REQUIREMENT: In your copy, reproduce the entries exactly as they are, minus the images.

[Records excerpted from a collection]
[Start of Attachment]

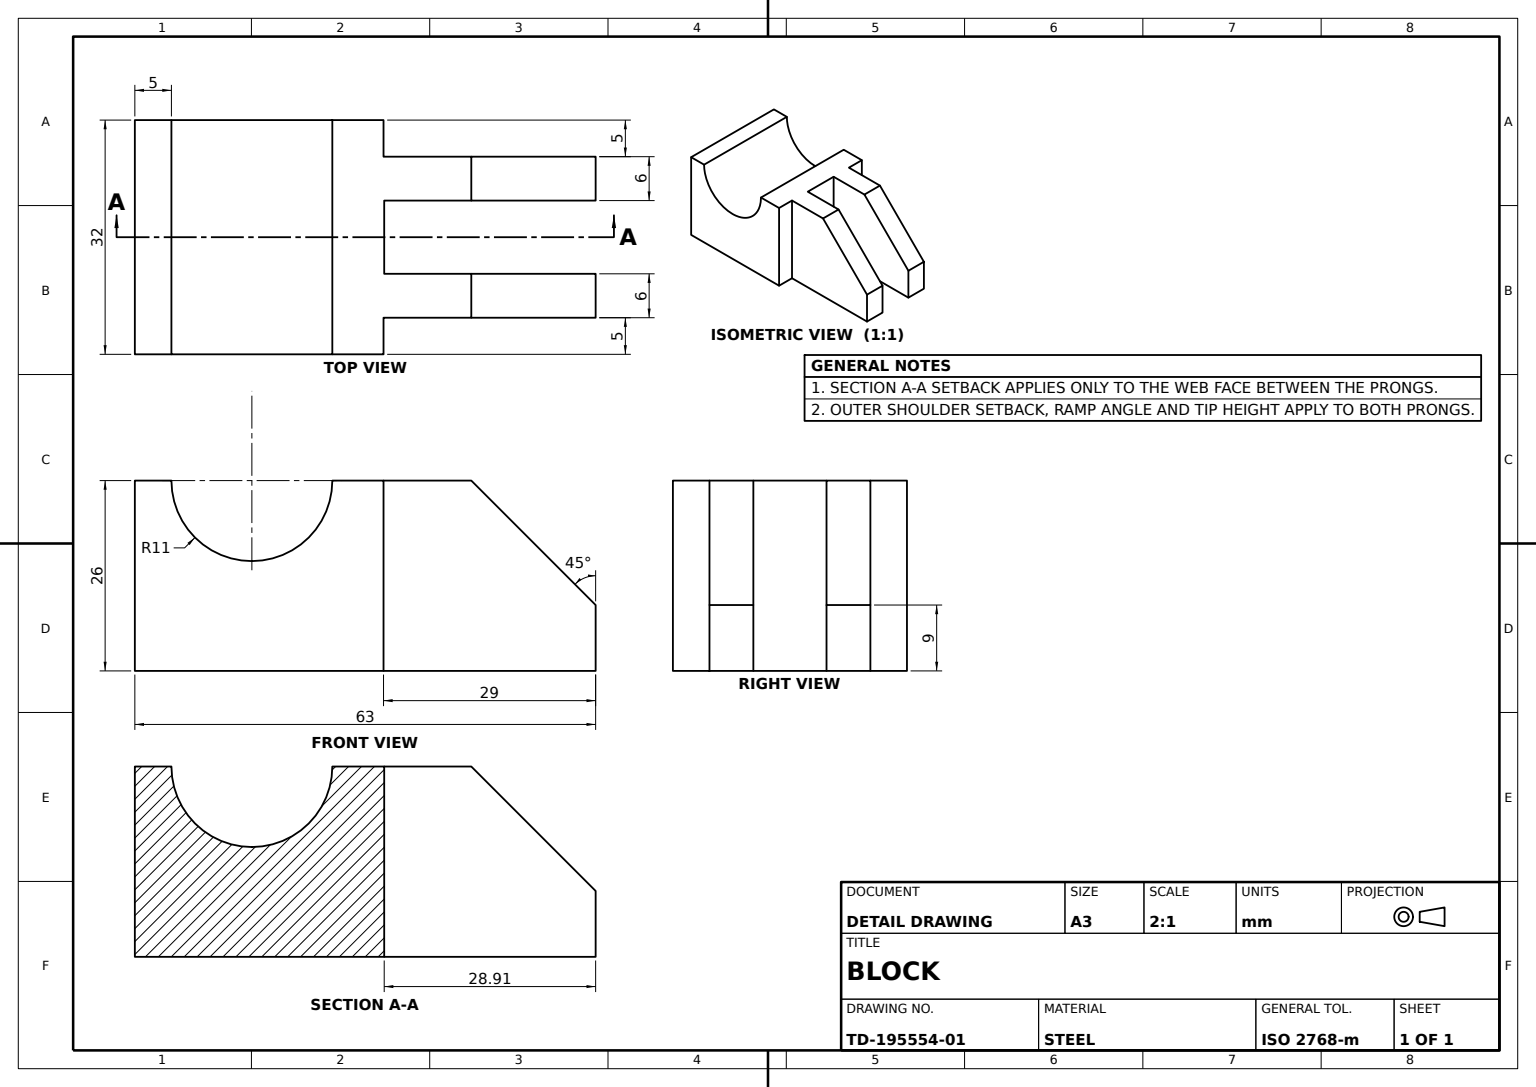
SolidWorks part; units mm, degrees
material "Plain Carbon Steel"
ref_plane "Front Plane" through (0, 0, 0) normal (0, 0, 1) x (1, 0, 0)
ref_plane "Top Plane" through (0, 0, 0) normal (0, 1, 0) x (1, 0, 0)
ref_plane "Right Plane" through (0, 0, 0) normal (1, 0, 0) x (0, 0, -1)
sketch "Base Block Profile 63x32" plane through (0, 0, 0) normal (0, 0, 1) x (1, 0, 0)
  line L1 (-31.5, 16) -> (31.5, 16)
  line L2 (-31.5, 16) -> (-31.5, -16)
  line L3 (-31.5, -16) -> (31.5, -16)
  line L4 (31.5, 16) -> (31.5, -16)
  line L5 (-31.5, 16) -> (31.5, -16) construction
  line L6 (-31.5, -16) -> (31.5, 16) construction
  point P0 (0, 0)
  dimension "D1" = 32
  dimension "D2" = 63
extrude "Base Block 63x32x26" add sketch "Base Block Profile 63x32" along normal blind 26
sketch "Bore Slot Profile" plane through (0, -16, 0) normal (0, -1, 0) x (1, 0, 0)
  line L0 (-31.5, 0) -> (-31.5, 7.3393)
  line L1 (-31.5, 26) -> (-31.5, 0) construction
  line L2 (31.5, 0) -> (31.5, 26)
  line L3 (31.5, 26) -> (26.5, 26)
  line L4 (-31.5, 26) -> (31.5, 26) construction
  line L5 (26.5, 26) -> (4.5, 26)
  line L6 (31.5, 26) -> (-2.5, 26)
  line L8 (-31.5, 0) -> (31.5, 0) construction
  arc A0 (4.5, 26) -> (26.5, 26) centre (15.5, 26) ccw
  line M5 (31.5, 26) -> (-31.5, 26)
  dimension "D3" = 34
  dimension "D1" = 5
  dimension "D2" = 22
  dimension "D4" = 7.3393
extrude "Bore Slot Cut" cut sketch "Bore Slot Profile" against normal blind 32 contours A0 M5
sketch "Rectangular Slot Profile 17x9" plane through (0, -16, 0) normal (0, -1, 0) x (-1, 0, 0)
  line L1 (31.5, -26) -> (-4.5, -26) construction
  line L2 (14.5, -26) -> (31.5, -26)
  line L4 (31.5, 0) -> (31.5, -9)
  line L5 (31.5, -26) -> (31.5, 0) construction
  line L6 (31.5, -9) -> (14.5, -26)
  line L7 (31.5, -9) -> (31.5, -26)
  line M6 (-4.5, -26) -> (31.5, -26)
  line M7 (31.5, -26) -> (31.5, 0)
  dimension "D1" = 17
  dimension "D2" = 9
extrude "Rectangular Slot 17x9" cut sketch "Rectangular Slot Profile 17x9" against normal blind 32 contours L6 M7 M6
sketch "Side Step Profile" plane through (0, 0, 0) normal (0, 0, -1) x (-1, 0, 0)
  line L1 (31.5, 16) -> (2.5, 16)
  line L2 (31.5, 16) -> (31.5, 11)
  line L3 (31.5, 11) -> (2.5, 11)
  line L4 (2.5, 16) -> (2.5, 11)
  line L5 (31.5, -16) -> (2.5, -16)
  line L6 (31.5, -16) -> (31.5, -11)
  line L7 (31.5, -11) -> (2.5, -11)
  line L8 (2.5, -16) -> (2.5, -11)
  dimension "D1" = 5
  dimension "D2" = 29
  dimension "D3" = 5
extrude "Side Step Cut" cut sketch "Side Step Profile" against normal through all
sketch "Side Groove Profile" plane through (0, 0, 0) normal (0, 0, -1) x (-1, 0, 0)
  line L0 (31.5, 0) -> (31.5, 5)
  line L1 (31.5, 11) -> (31.5, -11) construction
  line L2 (31.5, 0) -> (31.5, -5.0029)
  line L4 (31.5, 11) -> (2.5924, 11)
  line L5 (31.5, 11) -> (31.5, 5)
  line L6 (31.5, 5) -> (2.5924, 5)
  line L7 (2.5924, 11) -> (2.5924, 5)
  line L8 (31.5, -11) -> (2.5924, -11)
  line L9 (31.5, -11) -> (31.5, -5.0029)
  line L10 (31.5, -5.0029) -> (2.5924, -5.0029)
  line L11 (2.5924, -11) -> (2.5924, -5.0029)
  line L12 (2.5924, 5) -> (31.5, 5)
  line L13 (2.5924, 5) -> (2.5924, -5.0029)
  line L14 (2.5924, -5.0029) -> (31.5, -5.0029)
  line L15 (31.5, 5) -> (31.5, -5.0029)
  line M5 (31.5, -11) -> (31.5, 11)
  dimension "D1" = 5.0029
  dimension "D2" = 5
  dimension "D3" = 28.9076
extrude "Side Groove Cut" cut sketch "Side Groove Profile" against normal through all contours L6 L13 L10 M5

[End of Attachment]

YOUR SOLUTION:
SolidWorks part; units mm, degrees
material "Plain Carbon Steel"
ref_plane "Front Plane" through (0, 0, 0) normal (0, 0, 1) x (1, 0, 0)
ref_plane "Top Plane" through (0, 0, 0) normal (0, 1, 0) x (1, 0, 0)
ref_plane "Right Plane" through (0, 0, 0) normal (1, 0, 0) x (0, 0, -1)
sketch "Base Block Profile 63x32" plane through (0, 0, 0) normal (0, 0, 1) x (1, 0, 0)
  line L1 (-31.5, 16) -> (31.5, 16)
  line L2 (-31.5, 16) -> (-31.5, -16)
  line L3 (-31.5, -16) -> (31.5, -16)
  line L4 (31.5, 16) -> (31.5, -16)
  line L5 (-31.5, 16) -> (31.5, -16) construction
  line L6 (-31.5, -16) -> (31.5, 16) construction
  point P0 (0, 0)
  dimension "D1" = 32
  dimension "D2" = 63
extrude "Base Block 63x32x26" add sketch "Base Block Profile 63x32" along normal blind 26
sketch "Bore Slot Profile" plane through (0, -16, 0) normal (0, -1, 0) x (1, 0, 0)
  line L0 (-31.5, 0) -> (-31.5, 7.3393)
  line L1 (-31.5, 26) -> (-31.5, 0) construction
  line L2 (31.5, 0) -> (31.5, 26)
  line L3 (31.5, 26) -> (26.5, 26)
  line L4 (-31.5, 26) -> (31.5, 26) construction
  line L5 (26.5, 26) -> (4.5, 26)
  line L6 (31.5, 26) -> (-2.5, 26)
  line L8 (-31.5, 0) -> (31.5, 0) construction
  arc A0 (4.5, 26) -> (26.5, 26) centre (15.5, 26) ccw
  line M5 (31.5, 26) -> (-31.5, 26)
  dimension "D3" = 34
  dimension "D1" = 5
  dimension "D2" = 22
  dimension "D4" = 7.3393
extrude "Bore Slot Cut" cut sketch "Bore Slot Profile" against normal blind 32 contours A0 M5
sketch "Rectangular Slot Profile 17x9" plane through (0, -16, 0) normal (0, -1, 0) x (-1, 0, 0)
  line L1 (31.5, -26) -> (-4.5, -26) construction
  line L2 (14.5, -26) -> (31.5, -26)
  line L4 (31.5, 0) -> (31.5, -9)
  line L5 (31.5, -26) -> (31.5, 0) construction
  line L6 (31.5, -9) -> (14.5, -26)
  line L7 (31.5, -9) -> (31.5, -26)
  line M6 (-4.5, -26) -> (31.5, -26)
  line M7 (31.5, -26) -> (31.5, 0)
  dimension "D1" = 17
  dimension "D2" = 9
extrude "Rectangular Slot 17x9" cut sketch "Rectangular Slot Profile 17x9" against normal blind 32 contours L6 M7 M6
sketch "Side Step Profile" plane through (0, 0, 0) normal (0, 0, -1) x (-1, 0, 0)
  line L1 (31.5, 16) -> (2.5, 16)
  line L2 (31.5, 16) -> (31.5, 11)
  line L3 (31.5, 11) -> (2.5, 11)
  line L4 (2.5, 16) -> (2.5, 11)
  line L5 (31.5, -16) -> (2.5, -16)
  line L6 (31.5, -16) -> (31.5, -11)
  line L7 (31.5, -11) -> (2.5, -11)
  line L8 (2.5, -16) -> (2.5, -11)
  dimension "D1" = 5
  dimension "D2" = 29
  dimension "D3" = 5
extrude "Side Step Cut" cut sketch "Side Step Profile" against normal through all
sketch "Side Groove Profile" plane through (0, 0, 0) normal (0, 0, -1) x (-1, 0, 0)
  line L0 (31.5, 0) -> (31.5, 5)
  line L1 (31.5, 11) -> (31.5, -11) construction
  line L2 (31.5, 0) -> (31.5, -5.0029)
  line L4 (31.5, 11) -> (2.5924, 11)
  line L5 (31.5, 11) -> (31.5, 5)
  line L6 (31.5, 5) -> (2.5924, 5)
  line L7 (2.5924, 11) -> (2.5924, 5)
  line L8 (31.5, -11) -> (2.5924, -11)
  line L9 (31.5, -11) -> (31.5, -5.0029)
  line L10 (31.5, -5.0029) -> (2.5924, -5.0029)
  line L11 (2.5924, -11) -> (2.5924, -5.0029)
  line L12 (2.5924, 5) -> (31.5, 5)
  line L13 (2.5924, 5) -> (2.5924, -5.0029)
  line L14 (2.5924, -5.0029) -> (31.5, -5.0029)
  line L15 (31.5, 5) -> (31.5, -5.0029)
  line M5 (31.5, -11) -> (31.5, 11)
  dimension "D1" = 5.0029
  dimension "D2" = 5
  dimension "D3" = 28.9076
extrude "Side Groove Cut" cut sketch "Side Groove Profile" against normal through all contours L6 L13 L10 M5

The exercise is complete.